START TASK INPUTS

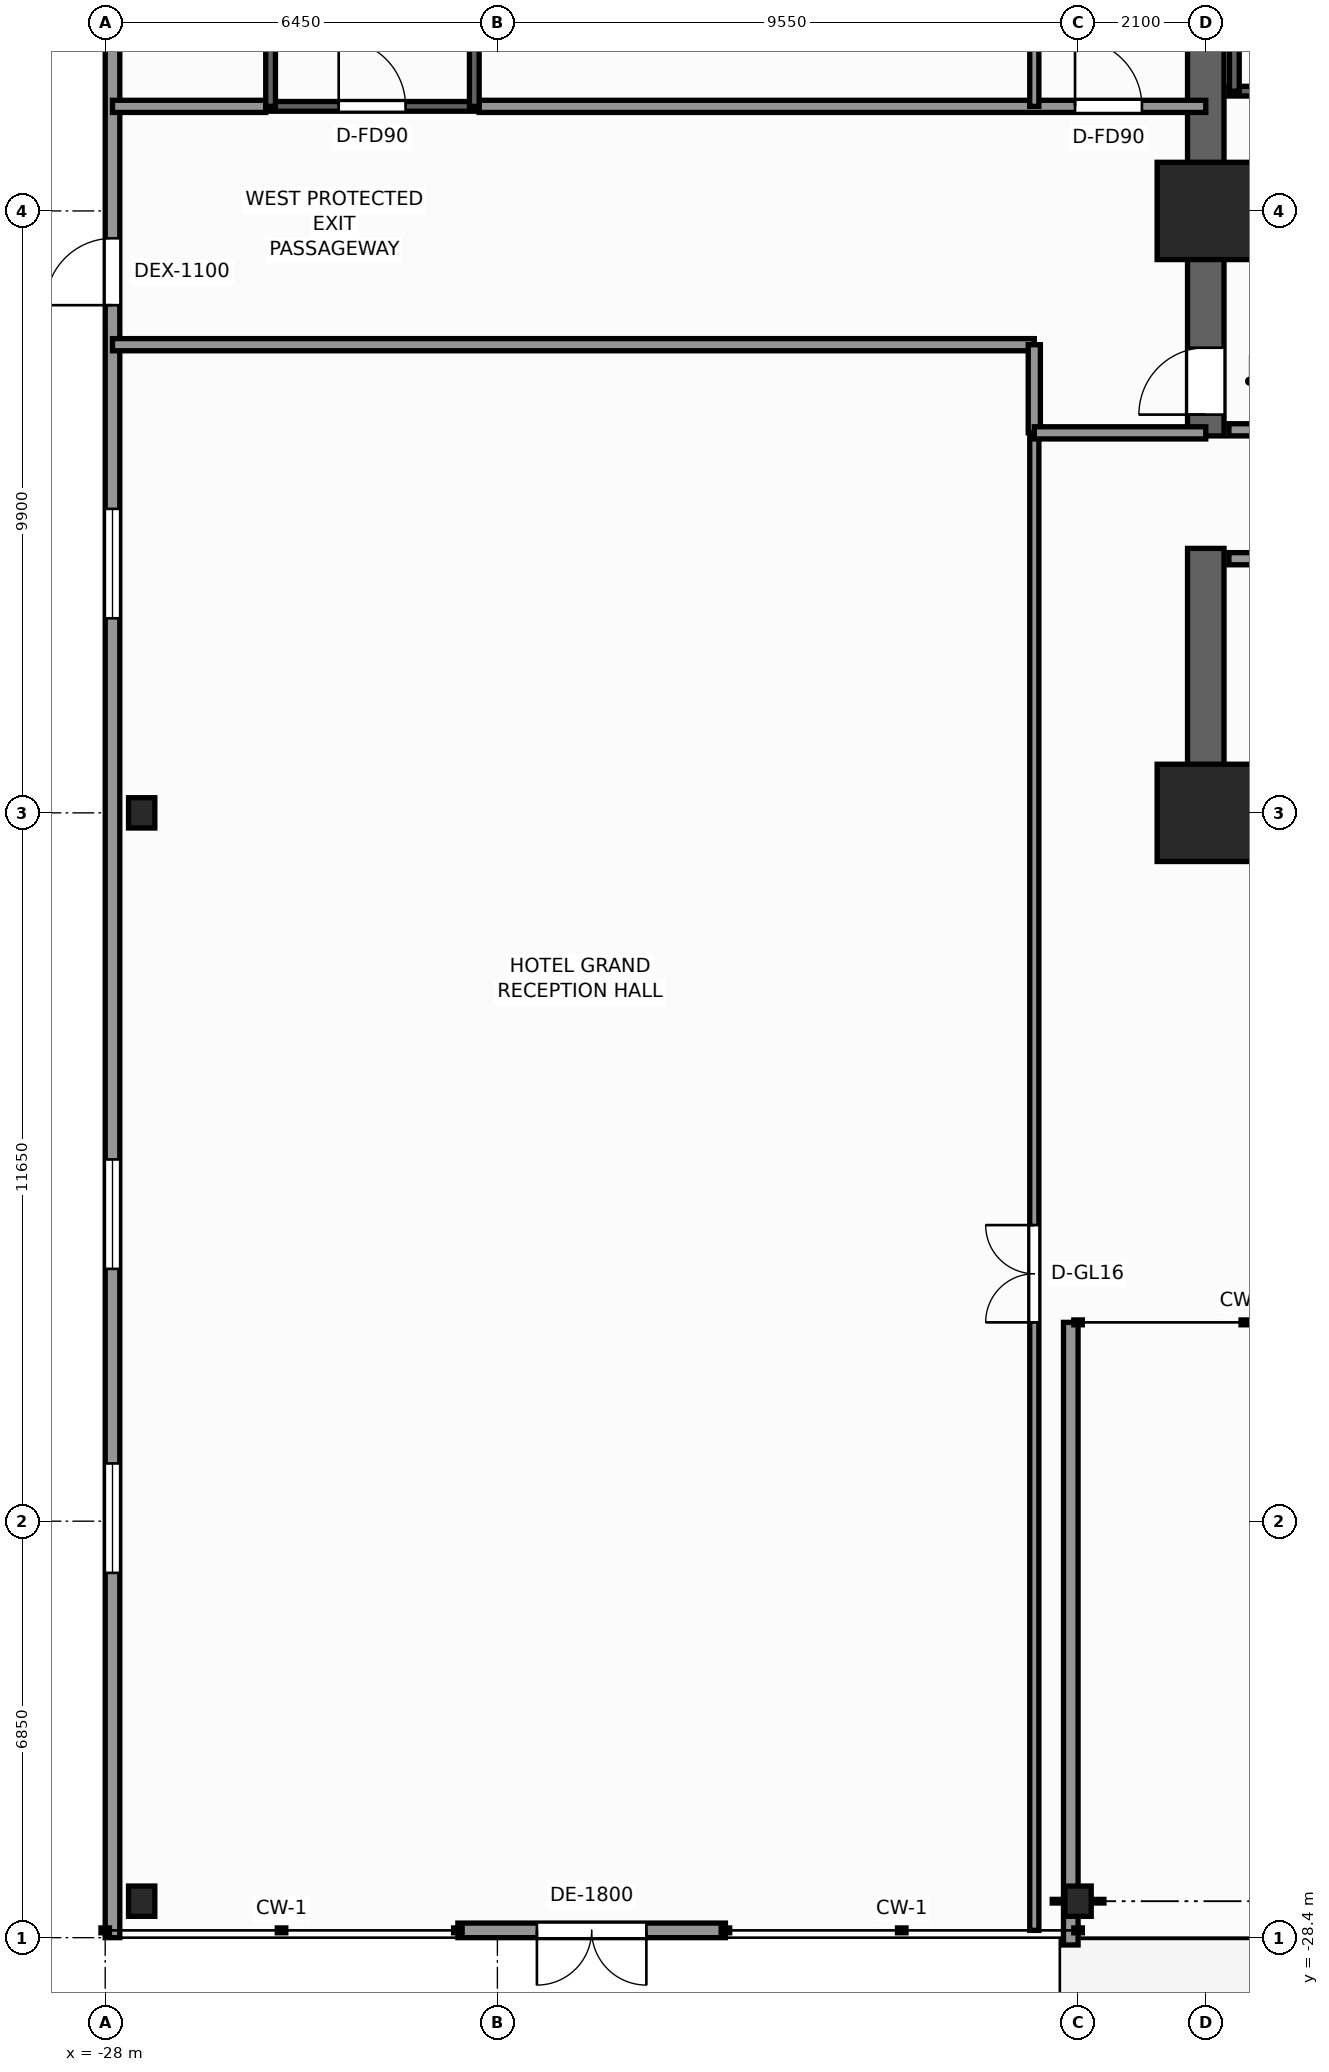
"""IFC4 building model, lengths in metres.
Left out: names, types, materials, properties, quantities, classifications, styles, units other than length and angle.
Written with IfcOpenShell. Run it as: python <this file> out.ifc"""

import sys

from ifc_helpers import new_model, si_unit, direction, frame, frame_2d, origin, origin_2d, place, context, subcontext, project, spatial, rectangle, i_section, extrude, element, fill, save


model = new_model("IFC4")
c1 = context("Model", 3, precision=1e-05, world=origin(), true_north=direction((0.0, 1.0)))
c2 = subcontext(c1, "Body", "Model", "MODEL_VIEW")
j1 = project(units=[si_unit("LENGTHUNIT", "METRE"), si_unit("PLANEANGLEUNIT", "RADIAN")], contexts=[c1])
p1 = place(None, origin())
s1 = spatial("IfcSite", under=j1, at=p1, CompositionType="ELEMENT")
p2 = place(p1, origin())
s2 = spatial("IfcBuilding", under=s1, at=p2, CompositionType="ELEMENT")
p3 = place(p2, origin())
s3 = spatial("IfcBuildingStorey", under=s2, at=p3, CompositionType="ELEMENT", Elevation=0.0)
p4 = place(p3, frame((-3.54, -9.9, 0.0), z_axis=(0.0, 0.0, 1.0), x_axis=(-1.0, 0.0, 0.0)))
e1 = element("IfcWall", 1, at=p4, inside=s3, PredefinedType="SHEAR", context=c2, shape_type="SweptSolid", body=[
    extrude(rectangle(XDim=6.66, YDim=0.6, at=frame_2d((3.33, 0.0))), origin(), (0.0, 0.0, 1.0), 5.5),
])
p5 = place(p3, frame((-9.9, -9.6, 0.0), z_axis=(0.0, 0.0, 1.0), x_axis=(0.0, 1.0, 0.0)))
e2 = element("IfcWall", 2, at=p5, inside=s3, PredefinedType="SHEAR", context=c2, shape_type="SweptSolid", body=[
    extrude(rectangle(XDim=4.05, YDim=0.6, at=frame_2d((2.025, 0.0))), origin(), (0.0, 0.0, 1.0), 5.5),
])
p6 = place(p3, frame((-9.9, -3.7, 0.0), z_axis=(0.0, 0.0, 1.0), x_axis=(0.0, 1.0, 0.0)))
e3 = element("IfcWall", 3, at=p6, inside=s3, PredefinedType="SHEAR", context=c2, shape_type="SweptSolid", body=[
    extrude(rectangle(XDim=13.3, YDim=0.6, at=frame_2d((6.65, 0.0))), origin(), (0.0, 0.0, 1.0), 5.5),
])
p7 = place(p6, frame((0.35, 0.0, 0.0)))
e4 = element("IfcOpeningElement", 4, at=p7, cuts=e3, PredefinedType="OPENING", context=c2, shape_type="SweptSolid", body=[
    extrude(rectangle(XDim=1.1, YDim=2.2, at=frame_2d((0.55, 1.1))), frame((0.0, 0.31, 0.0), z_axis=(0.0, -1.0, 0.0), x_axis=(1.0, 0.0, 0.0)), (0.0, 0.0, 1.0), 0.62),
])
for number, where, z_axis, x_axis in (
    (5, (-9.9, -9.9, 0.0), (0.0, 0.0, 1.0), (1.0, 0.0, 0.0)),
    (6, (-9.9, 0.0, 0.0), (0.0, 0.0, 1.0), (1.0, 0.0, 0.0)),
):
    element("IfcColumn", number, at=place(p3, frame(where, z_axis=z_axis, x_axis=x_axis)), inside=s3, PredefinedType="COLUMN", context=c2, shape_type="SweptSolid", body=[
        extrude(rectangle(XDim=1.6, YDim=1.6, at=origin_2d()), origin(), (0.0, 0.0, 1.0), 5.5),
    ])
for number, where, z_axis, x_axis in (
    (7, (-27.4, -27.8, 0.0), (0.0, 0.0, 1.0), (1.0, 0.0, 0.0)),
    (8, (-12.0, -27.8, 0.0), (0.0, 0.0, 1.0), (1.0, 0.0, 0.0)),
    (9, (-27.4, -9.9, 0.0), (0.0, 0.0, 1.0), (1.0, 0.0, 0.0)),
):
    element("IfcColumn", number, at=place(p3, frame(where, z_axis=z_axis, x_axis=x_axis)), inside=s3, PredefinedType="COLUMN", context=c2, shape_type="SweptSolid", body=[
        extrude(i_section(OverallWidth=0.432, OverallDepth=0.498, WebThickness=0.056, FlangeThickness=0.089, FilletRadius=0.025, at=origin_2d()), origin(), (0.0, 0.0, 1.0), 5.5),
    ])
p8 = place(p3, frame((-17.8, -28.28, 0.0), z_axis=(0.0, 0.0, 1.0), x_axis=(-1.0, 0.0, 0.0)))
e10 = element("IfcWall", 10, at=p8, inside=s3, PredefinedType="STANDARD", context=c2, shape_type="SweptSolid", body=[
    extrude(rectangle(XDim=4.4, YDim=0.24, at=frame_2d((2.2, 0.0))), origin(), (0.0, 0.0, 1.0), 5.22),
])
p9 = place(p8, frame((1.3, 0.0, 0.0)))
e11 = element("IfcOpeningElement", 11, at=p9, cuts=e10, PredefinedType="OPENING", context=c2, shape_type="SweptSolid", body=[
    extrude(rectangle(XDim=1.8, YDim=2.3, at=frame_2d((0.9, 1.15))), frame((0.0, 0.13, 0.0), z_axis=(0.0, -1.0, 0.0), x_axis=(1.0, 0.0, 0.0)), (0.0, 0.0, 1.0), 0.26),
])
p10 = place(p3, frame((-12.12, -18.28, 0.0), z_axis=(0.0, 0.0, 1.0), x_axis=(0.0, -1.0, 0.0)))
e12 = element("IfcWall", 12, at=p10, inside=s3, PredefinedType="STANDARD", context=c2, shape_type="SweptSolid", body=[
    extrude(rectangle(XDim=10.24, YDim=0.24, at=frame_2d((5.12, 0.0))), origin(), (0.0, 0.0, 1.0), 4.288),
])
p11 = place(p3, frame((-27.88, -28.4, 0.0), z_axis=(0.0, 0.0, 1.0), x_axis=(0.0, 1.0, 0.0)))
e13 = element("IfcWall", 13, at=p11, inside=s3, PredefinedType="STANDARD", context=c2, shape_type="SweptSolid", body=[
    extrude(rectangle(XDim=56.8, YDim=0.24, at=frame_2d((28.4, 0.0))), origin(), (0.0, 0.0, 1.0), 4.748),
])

END TASK INPUTS

WHAT IS BEING ASKED: Determine how many lines in the listing above hold the word "under", answering with the number only.

EXERCISE ANSWER: 3